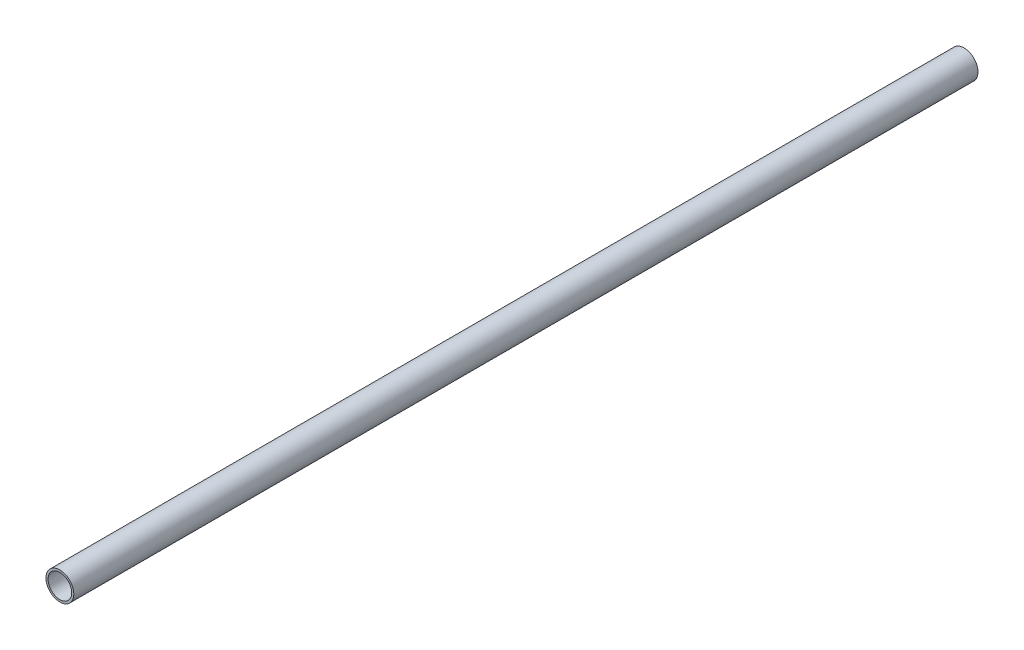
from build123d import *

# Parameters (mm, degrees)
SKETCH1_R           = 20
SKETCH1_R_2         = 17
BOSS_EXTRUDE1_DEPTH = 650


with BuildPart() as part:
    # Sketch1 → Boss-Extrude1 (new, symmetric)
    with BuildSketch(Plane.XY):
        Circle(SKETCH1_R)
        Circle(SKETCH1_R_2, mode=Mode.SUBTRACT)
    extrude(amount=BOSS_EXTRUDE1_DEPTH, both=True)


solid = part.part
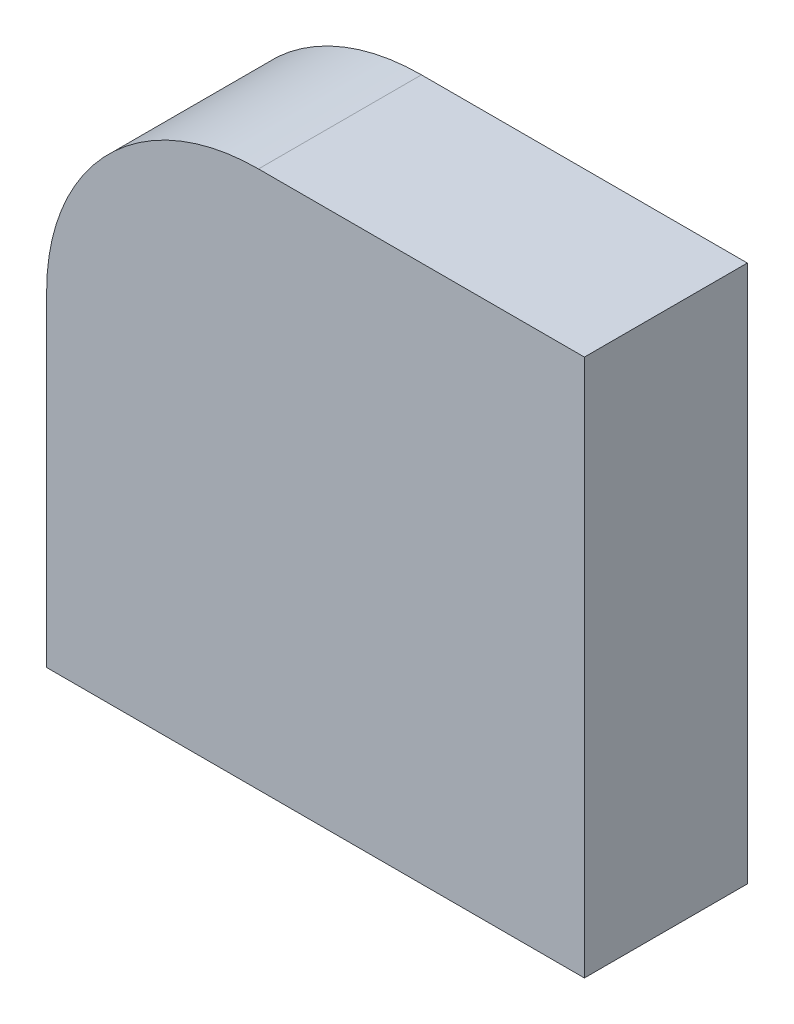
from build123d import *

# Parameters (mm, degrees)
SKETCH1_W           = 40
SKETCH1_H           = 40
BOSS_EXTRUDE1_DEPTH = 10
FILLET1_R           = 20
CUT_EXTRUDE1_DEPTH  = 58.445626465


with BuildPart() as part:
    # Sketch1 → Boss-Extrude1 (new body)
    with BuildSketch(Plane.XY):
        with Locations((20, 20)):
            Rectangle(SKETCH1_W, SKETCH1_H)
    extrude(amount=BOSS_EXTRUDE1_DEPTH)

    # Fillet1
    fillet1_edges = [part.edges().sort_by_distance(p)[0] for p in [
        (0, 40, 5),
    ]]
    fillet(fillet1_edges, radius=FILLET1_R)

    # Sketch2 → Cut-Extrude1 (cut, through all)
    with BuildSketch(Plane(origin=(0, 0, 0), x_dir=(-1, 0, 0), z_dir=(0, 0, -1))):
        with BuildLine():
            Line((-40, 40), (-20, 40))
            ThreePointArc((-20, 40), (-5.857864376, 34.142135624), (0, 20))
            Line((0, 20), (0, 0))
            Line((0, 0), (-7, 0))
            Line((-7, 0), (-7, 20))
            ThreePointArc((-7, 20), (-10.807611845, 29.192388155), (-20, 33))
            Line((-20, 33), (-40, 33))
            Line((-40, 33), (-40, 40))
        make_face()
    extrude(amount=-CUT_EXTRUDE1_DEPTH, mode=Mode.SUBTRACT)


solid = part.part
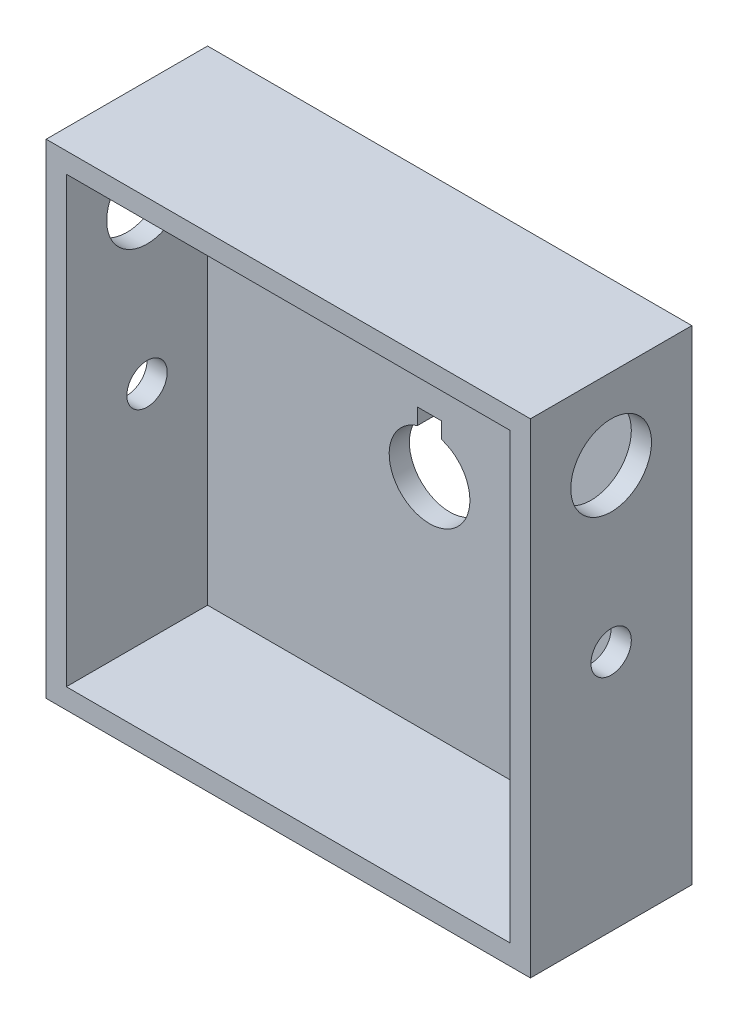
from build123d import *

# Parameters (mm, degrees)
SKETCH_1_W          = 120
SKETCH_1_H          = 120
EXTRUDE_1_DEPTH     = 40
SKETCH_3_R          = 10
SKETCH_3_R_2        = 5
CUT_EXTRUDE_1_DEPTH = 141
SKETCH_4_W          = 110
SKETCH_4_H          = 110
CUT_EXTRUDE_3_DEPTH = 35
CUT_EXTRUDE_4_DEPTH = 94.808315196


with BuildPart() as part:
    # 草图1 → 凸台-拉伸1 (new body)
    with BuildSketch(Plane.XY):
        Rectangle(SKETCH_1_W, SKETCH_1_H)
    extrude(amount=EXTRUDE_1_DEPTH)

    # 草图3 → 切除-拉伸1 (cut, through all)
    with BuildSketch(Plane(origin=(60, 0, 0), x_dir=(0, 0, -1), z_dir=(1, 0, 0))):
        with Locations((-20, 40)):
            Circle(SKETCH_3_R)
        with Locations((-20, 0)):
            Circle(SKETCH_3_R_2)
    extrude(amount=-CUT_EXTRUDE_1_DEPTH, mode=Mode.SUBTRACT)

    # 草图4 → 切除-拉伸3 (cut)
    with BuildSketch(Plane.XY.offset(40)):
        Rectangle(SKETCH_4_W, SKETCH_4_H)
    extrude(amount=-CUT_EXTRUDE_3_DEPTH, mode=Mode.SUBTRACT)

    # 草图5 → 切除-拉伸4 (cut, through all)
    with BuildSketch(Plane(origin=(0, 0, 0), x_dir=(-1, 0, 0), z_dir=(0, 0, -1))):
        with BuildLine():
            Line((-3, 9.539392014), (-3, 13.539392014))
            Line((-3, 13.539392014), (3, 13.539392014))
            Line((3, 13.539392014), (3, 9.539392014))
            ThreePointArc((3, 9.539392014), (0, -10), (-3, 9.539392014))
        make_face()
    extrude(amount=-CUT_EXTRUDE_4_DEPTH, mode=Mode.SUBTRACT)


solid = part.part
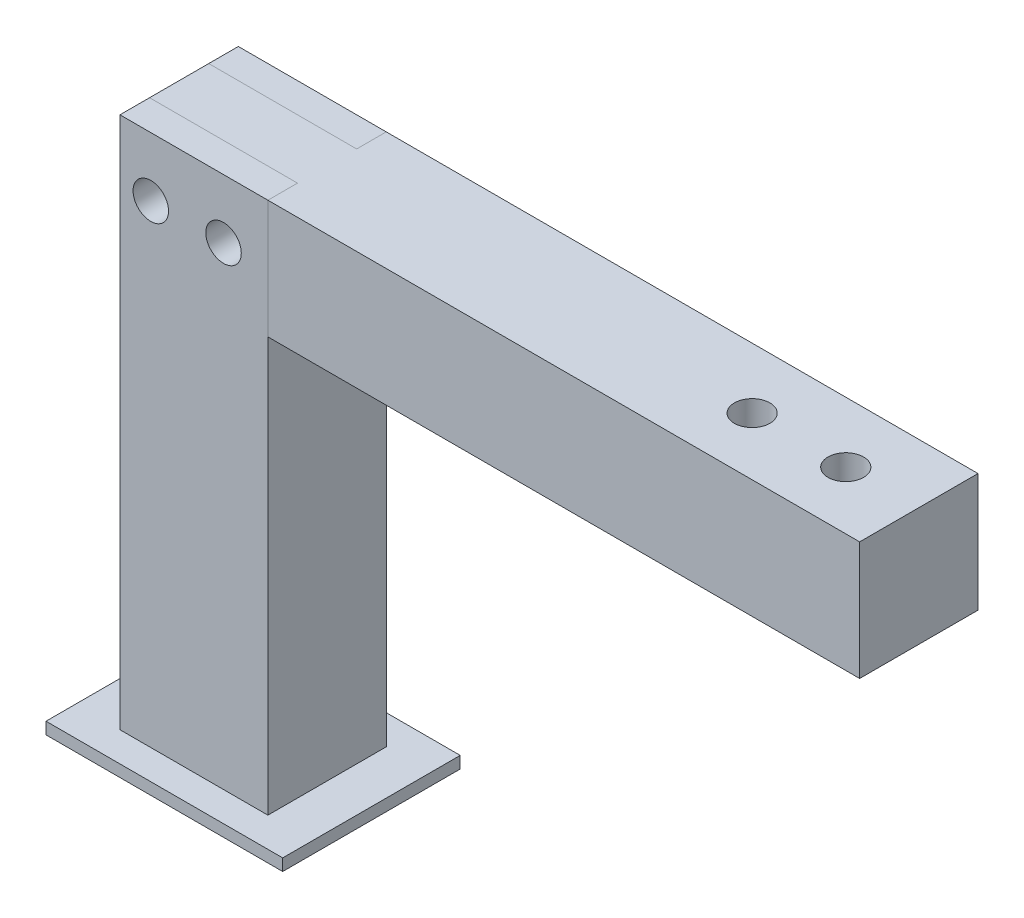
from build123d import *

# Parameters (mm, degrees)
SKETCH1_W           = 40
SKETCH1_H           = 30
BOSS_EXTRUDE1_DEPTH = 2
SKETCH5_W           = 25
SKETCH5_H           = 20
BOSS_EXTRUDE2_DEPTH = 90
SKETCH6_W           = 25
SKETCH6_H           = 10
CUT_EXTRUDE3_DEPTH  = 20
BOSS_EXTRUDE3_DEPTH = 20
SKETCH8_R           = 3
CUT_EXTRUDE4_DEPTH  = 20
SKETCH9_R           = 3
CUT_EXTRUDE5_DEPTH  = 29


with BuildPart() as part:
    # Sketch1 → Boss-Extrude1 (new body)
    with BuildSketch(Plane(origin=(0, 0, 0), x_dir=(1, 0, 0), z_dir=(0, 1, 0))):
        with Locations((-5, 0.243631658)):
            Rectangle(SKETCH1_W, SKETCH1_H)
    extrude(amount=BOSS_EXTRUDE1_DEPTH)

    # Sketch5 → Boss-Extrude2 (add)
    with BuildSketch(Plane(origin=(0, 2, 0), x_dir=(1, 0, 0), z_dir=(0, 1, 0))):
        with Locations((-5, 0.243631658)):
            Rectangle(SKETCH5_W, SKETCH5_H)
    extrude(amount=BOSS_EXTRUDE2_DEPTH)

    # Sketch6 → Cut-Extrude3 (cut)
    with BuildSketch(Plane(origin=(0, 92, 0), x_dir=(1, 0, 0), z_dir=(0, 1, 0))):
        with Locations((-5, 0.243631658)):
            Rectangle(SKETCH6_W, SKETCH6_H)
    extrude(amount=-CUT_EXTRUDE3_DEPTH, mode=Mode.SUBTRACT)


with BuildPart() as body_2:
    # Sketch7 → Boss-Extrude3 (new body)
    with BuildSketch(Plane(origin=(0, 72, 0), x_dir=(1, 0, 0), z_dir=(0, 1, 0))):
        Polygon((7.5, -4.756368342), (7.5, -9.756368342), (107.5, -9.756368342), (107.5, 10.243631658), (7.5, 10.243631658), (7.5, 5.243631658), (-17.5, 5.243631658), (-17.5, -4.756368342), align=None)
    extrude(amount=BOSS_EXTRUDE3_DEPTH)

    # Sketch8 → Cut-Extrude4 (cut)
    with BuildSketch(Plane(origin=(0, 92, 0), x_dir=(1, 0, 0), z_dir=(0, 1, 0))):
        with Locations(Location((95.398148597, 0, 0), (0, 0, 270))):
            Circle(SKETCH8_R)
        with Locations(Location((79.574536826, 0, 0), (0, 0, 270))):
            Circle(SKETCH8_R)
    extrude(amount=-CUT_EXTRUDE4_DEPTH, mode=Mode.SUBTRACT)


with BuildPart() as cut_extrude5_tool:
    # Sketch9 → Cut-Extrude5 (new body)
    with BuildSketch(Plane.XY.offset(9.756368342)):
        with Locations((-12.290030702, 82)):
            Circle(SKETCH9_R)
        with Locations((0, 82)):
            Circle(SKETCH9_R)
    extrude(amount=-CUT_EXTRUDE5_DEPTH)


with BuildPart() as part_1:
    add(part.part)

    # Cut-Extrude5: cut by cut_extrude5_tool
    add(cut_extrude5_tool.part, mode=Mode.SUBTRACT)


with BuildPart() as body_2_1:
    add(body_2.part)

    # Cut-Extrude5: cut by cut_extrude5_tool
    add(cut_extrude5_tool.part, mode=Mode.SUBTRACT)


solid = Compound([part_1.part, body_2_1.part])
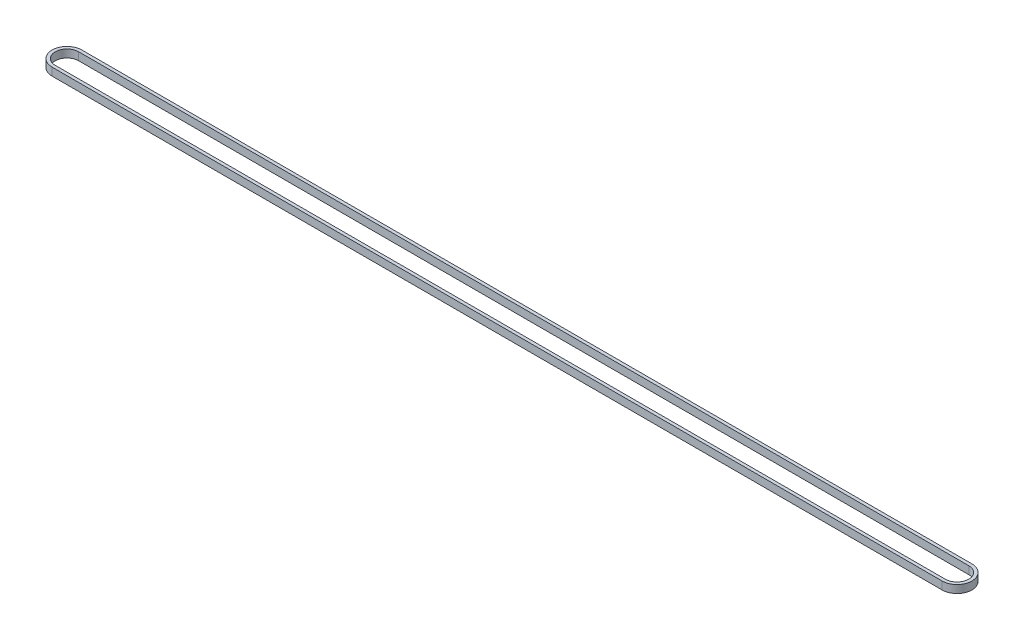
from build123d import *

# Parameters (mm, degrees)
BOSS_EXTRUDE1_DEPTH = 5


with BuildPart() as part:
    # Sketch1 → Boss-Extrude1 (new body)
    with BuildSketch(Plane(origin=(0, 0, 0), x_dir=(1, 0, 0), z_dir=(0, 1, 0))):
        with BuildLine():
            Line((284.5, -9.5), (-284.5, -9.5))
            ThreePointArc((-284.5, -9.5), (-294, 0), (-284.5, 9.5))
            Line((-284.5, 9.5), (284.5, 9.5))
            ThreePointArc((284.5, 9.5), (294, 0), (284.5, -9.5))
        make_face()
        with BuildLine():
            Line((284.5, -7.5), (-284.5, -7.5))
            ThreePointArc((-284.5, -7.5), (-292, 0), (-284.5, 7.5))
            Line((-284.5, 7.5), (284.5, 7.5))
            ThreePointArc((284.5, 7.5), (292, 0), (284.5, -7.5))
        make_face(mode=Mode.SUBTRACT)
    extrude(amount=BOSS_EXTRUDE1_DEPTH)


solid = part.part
::::
Set down exactly the lines from the one that contains "ThreePointArc((-284.5, -7.5), (-292, 0), (-284.5, 7.5))" to the final line above, both included, and nothing more.

            ThreePointArc((-284.5, -7.5), (-292, 0), (-284.5, 7.5))
            Line((-284.5, 7.5), (284.5, 7.5))
            ThreePointArc((284.5, 7.5), (292, 0), (284.5, -7.5))
        make_face(mode=Mode.SUBTRACT)
    extrude(amount=BOSS_EXTRUDE1_DEPTH)


solid = part.part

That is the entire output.